■ Directions for this task
Copy the records below line by line and word for word, from the very first line through the line with "p3 = place(p2, frame((0.0, 0.0, 80.65)))", omitting each picture.

[Data records]
--- START ---

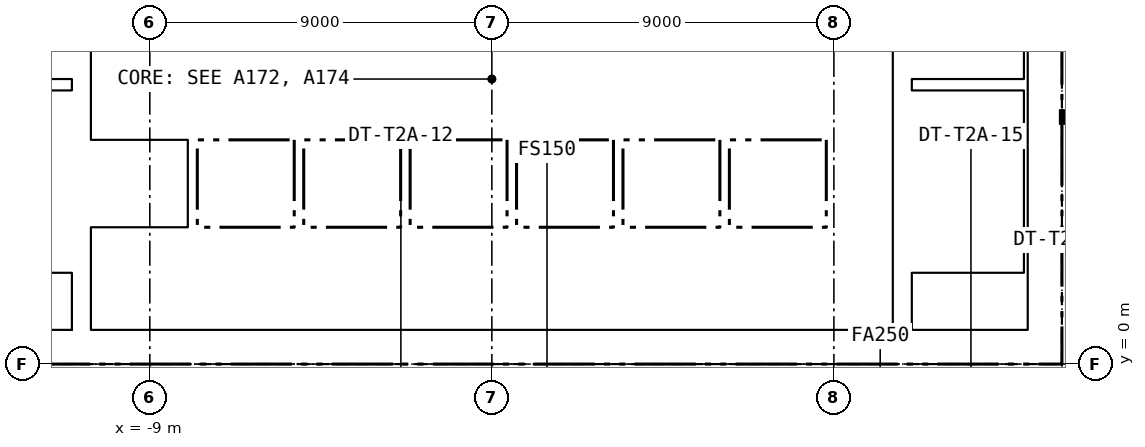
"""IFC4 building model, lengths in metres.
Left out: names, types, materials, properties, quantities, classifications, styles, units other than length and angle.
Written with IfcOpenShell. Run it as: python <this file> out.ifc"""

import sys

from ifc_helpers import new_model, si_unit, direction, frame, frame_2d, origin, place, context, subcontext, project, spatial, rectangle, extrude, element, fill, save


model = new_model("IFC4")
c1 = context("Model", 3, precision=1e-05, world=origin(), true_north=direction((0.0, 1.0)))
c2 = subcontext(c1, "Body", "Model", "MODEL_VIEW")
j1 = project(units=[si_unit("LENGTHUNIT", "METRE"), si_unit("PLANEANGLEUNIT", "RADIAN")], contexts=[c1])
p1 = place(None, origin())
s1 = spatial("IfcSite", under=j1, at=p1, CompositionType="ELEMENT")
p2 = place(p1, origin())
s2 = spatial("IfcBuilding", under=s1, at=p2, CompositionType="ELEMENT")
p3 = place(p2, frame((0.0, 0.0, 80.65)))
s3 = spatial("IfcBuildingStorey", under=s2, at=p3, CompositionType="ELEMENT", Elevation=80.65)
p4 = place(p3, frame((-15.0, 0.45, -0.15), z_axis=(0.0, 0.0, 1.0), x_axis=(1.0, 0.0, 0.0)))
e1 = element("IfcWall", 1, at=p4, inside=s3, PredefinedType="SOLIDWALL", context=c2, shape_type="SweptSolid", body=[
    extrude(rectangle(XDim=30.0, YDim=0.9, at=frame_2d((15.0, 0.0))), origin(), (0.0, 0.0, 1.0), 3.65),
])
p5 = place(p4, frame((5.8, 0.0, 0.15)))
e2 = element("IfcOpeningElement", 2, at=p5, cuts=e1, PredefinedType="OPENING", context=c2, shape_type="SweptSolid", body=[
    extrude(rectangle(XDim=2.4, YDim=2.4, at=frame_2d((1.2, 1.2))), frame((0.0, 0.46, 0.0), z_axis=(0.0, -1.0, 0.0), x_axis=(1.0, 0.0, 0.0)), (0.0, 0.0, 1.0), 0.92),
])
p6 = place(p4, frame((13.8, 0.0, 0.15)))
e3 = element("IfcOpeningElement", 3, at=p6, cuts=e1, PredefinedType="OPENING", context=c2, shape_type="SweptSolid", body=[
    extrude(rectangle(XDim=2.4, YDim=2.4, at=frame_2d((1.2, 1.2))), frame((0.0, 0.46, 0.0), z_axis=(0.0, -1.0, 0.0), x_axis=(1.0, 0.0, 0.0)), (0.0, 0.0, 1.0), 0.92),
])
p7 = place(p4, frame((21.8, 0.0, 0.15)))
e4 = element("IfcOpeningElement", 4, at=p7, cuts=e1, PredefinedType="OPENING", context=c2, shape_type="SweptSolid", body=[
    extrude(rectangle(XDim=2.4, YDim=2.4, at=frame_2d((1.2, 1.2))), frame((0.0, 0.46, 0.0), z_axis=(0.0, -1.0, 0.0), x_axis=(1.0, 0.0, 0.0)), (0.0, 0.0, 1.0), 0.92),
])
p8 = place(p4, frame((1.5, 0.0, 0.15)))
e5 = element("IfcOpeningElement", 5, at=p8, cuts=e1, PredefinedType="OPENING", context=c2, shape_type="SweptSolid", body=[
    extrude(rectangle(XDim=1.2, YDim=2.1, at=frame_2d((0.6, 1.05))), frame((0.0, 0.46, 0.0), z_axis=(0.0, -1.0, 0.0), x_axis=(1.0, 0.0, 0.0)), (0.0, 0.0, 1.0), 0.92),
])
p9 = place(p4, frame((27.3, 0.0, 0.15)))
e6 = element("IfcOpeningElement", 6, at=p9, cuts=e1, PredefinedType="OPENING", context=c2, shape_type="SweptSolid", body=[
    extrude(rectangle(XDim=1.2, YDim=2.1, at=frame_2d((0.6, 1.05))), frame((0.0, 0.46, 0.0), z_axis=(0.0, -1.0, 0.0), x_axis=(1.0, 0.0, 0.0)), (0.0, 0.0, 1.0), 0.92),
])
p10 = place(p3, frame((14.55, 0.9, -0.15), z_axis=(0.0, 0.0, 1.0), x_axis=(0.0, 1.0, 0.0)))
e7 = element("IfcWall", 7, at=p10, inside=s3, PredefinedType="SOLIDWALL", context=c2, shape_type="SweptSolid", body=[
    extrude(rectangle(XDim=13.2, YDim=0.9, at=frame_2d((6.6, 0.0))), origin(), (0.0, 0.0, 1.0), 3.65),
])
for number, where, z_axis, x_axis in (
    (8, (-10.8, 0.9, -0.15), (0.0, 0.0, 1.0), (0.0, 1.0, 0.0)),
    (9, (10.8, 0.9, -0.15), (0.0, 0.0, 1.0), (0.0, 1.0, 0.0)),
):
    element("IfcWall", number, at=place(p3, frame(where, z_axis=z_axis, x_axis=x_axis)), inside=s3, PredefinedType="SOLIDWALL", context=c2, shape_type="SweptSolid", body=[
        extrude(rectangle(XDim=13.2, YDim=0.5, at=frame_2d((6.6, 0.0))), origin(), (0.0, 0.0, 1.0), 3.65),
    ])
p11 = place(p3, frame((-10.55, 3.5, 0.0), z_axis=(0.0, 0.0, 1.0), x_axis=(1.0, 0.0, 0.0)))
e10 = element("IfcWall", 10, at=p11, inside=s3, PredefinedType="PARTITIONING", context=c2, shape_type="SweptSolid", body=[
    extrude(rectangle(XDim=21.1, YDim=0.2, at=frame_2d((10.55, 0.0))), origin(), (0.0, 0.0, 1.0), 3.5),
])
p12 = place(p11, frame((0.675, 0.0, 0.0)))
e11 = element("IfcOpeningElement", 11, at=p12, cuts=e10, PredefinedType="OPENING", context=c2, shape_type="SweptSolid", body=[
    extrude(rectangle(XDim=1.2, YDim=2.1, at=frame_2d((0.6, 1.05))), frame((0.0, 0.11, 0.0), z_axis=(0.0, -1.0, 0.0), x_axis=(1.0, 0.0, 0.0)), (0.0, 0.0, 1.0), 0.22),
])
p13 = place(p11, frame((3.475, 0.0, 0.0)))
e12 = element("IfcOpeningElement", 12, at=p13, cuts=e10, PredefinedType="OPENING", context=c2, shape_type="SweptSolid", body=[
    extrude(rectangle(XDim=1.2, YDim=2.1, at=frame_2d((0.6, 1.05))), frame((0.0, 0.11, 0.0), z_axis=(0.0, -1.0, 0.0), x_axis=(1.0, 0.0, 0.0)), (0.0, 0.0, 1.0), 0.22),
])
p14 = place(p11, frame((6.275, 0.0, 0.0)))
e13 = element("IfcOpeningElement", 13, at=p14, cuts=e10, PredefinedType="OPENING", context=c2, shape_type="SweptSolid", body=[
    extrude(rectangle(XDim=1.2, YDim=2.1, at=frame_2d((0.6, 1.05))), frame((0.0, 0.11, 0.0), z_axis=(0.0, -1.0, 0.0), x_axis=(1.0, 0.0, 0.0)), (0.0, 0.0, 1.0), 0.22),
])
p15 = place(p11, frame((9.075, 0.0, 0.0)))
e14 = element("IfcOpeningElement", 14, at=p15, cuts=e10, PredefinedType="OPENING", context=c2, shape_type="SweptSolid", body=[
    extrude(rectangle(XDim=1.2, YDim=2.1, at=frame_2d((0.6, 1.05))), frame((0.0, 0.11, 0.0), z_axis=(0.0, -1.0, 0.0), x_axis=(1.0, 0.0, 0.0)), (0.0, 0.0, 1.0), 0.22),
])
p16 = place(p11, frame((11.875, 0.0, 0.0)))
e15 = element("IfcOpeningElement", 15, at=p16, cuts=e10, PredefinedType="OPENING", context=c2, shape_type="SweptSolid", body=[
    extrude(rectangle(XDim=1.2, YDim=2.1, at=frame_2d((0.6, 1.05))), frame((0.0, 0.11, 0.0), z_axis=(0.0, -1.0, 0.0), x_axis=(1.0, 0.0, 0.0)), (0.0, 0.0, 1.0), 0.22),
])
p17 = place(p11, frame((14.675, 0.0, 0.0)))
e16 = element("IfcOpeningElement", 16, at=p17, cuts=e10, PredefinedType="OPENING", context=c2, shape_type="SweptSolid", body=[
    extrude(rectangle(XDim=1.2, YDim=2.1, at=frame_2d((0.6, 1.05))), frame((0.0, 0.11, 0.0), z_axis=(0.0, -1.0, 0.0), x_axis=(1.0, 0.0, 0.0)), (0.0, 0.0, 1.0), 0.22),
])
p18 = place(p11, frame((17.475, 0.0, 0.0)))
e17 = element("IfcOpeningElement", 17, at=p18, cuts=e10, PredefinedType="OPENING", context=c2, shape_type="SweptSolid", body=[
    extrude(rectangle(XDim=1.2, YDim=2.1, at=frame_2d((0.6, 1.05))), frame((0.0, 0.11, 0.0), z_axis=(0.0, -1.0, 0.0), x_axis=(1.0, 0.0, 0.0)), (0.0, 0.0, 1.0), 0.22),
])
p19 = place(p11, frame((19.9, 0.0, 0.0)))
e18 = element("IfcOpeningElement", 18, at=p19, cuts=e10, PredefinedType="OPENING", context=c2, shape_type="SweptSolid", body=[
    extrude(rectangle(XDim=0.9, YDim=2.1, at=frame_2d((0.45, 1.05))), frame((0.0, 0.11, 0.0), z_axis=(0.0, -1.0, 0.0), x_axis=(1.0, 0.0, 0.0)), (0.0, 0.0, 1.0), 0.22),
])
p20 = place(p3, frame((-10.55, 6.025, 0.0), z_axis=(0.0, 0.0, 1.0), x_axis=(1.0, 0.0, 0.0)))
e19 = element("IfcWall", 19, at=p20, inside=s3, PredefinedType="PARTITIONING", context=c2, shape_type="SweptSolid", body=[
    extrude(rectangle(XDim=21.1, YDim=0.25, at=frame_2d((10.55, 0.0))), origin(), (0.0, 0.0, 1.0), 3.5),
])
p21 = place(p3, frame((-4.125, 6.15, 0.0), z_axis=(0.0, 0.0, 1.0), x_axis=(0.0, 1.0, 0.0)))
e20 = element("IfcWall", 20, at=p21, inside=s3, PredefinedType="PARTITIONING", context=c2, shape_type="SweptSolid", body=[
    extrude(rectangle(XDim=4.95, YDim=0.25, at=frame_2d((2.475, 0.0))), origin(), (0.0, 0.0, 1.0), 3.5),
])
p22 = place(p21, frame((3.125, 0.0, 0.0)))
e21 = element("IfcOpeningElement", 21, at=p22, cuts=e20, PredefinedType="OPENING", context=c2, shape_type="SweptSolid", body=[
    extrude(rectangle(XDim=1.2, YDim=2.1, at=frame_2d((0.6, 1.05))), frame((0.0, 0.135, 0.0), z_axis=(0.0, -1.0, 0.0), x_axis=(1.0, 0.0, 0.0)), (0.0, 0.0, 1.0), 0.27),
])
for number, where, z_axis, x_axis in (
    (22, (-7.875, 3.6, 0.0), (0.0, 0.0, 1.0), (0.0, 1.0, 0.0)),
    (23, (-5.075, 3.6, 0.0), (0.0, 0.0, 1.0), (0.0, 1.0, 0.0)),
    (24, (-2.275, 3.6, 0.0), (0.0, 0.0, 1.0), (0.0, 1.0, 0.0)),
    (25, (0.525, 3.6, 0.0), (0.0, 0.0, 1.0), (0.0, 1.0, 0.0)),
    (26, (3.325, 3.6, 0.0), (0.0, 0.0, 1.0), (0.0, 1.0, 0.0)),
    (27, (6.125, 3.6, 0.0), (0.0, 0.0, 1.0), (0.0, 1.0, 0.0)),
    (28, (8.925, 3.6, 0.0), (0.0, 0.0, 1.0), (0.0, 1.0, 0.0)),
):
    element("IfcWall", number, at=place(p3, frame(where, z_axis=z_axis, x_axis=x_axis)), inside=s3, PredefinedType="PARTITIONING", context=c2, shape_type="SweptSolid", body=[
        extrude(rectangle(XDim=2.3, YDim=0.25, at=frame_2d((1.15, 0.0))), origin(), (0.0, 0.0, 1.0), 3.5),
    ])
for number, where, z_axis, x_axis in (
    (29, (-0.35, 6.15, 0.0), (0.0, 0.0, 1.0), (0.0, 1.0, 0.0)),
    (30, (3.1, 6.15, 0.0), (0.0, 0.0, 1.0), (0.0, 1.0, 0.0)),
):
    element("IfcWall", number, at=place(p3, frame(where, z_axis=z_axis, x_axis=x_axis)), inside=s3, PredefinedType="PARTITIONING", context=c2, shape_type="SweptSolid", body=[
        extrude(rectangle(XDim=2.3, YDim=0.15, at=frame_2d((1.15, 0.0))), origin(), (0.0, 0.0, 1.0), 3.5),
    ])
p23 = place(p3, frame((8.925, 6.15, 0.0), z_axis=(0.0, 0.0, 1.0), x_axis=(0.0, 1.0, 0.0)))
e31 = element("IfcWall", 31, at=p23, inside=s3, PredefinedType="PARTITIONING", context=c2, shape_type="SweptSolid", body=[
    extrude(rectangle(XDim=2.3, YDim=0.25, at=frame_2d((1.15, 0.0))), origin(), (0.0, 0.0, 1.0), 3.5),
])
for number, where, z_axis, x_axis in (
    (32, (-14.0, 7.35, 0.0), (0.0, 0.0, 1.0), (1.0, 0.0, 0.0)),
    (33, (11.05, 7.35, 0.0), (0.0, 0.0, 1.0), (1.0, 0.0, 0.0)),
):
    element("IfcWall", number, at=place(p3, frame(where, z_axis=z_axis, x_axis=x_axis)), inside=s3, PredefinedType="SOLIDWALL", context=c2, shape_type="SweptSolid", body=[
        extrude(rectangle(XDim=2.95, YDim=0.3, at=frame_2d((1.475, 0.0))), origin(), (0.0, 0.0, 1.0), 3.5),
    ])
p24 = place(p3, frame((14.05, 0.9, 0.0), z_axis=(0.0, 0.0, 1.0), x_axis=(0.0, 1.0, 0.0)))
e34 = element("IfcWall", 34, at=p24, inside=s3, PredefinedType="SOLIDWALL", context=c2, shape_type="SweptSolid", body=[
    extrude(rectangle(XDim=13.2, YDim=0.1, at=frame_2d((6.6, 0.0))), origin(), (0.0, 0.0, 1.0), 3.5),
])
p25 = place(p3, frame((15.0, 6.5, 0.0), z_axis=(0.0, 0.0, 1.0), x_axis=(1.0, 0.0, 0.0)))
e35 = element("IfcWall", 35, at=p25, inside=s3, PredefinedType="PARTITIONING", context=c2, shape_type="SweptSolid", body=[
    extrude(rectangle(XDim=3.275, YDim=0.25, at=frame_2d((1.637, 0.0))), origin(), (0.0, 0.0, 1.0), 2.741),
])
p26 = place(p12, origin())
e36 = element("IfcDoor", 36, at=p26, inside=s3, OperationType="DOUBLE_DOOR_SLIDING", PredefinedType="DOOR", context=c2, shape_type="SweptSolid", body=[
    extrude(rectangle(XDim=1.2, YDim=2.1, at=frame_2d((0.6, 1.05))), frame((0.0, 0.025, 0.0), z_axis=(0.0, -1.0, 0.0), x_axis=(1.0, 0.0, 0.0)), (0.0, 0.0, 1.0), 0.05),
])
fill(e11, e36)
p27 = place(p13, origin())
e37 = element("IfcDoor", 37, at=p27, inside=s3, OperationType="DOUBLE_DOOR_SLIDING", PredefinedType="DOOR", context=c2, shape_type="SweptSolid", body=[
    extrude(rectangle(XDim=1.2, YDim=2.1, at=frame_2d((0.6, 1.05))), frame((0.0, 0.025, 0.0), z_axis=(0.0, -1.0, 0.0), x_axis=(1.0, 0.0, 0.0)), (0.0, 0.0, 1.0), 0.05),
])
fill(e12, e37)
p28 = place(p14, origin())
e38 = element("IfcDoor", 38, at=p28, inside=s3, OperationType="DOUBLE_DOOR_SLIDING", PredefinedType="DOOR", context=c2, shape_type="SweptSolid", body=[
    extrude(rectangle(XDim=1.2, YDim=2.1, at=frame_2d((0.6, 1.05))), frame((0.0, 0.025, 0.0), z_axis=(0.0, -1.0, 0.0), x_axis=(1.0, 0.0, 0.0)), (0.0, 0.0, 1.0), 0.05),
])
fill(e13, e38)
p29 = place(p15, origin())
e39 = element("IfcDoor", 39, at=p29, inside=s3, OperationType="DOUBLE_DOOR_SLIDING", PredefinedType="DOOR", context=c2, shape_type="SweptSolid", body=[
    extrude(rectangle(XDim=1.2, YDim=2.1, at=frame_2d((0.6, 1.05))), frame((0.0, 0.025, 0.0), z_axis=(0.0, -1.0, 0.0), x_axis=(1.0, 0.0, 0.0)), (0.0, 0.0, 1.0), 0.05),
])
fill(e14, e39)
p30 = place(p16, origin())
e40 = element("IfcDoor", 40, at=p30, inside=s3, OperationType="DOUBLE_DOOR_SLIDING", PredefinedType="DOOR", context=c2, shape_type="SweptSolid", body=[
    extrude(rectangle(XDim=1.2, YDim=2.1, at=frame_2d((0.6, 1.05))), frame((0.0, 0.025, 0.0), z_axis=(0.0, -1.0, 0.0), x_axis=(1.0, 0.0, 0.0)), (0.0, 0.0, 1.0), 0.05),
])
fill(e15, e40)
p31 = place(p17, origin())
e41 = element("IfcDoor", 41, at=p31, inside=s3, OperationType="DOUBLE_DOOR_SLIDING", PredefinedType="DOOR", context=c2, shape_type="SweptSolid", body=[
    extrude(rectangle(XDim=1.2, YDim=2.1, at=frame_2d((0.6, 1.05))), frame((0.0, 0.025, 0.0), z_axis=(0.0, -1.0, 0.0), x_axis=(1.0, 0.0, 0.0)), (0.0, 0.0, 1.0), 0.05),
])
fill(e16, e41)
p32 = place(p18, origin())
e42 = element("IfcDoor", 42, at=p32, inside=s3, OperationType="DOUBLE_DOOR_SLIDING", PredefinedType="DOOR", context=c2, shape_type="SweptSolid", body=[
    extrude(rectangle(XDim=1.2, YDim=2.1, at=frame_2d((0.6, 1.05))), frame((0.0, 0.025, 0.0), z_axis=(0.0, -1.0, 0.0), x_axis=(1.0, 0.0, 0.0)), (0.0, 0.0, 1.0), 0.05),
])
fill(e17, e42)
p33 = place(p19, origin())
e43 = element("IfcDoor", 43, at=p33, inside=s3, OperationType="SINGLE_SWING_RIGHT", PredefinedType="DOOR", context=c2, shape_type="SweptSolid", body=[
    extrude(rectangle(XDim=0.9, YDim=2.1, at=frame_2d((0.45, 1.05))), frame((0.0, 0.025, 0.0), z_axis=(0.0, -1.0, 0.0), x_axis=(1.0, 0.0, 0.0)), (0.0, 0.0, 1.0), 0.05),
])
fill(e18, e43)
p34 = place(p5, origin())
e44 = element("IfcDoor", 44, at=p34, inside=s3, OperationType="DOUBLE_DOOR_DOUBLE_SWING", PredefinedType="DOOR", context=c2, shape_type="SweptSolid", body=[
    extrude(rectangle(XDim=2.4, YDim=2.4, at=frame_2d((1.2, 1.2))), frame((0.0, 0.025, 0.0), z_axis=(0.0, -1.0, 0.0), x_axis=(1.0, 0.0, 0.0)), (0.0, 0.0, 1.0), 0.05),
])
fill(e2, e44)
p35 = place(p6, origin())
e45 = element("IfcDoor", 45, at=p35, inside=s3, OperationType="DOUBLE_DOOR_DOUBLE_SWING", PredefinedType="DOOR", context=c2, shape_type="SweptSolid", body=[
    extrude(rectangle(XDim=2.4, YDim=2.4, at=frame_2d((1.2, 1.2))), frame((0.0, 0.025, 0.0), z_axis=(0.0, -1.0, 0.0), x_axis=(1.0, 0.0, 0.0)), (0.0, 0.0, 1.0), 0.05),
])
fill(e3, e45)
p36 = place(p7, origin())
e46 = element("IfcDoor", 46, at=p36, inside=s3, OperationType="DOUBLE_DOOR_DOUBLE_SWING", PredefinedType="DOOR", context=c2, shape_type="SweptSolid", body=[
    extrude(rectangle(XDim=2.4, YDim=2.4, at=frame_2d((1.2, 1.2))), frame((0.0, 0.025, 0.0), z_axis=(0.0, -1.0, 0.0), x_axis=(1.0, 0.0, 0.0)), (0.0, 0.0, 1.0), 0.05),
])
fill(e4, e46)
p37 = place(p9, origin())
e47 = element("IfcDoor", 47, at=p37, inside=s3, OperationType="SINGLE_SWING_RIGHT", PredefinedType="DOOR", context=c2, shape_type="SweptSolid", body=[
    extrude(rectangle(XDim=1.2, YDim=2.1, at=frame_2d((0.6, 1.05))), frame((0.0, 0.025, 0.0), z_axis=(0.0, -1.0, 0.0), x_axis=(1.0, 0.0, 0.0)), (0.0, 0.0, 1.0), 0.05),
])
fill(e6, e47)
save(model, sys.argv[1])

--- END ---

■ Final answer
"""IFC4 building model, lengths in metres.
Left out: names, types, materials, properties, quantities, classifications, styles, units other than length and angle.
Written with IfcOpenShell. Run it as: python <this file> out.ifc"""

import sys

from ifc_helpers import new_model, si_unit, direction, frame, frame_2d, origin, place, context, subcontext, project, spatial, rectangle, extrude, element, fill, save


model = new_model("IFC4")
c1 = context("Model", 3, precision=1e-05, world=origin(), true_north=direction((0.0, 1.0)))
c2 = subcontext(c1, "Body", "Model", "MODEL_VIEW")
j1 = project(units=[si_unit("LENGTHUNIT", "METRE"), si_unit("PLANEANGLEUNIT", "RADIAN")], contexts=[c1])
p1 = place(None, origin())
s1 = spatial("IfcSite", under=j1, at=p1, CompositionType="ELEMENT")
p2 = place(p1, origin())
s2 = spatial("IfcBuilding", under=s1, at=p2, CompositionType="ELEMENT")
p3 = place(p2, frame((0.0, 0.0, 80.65)))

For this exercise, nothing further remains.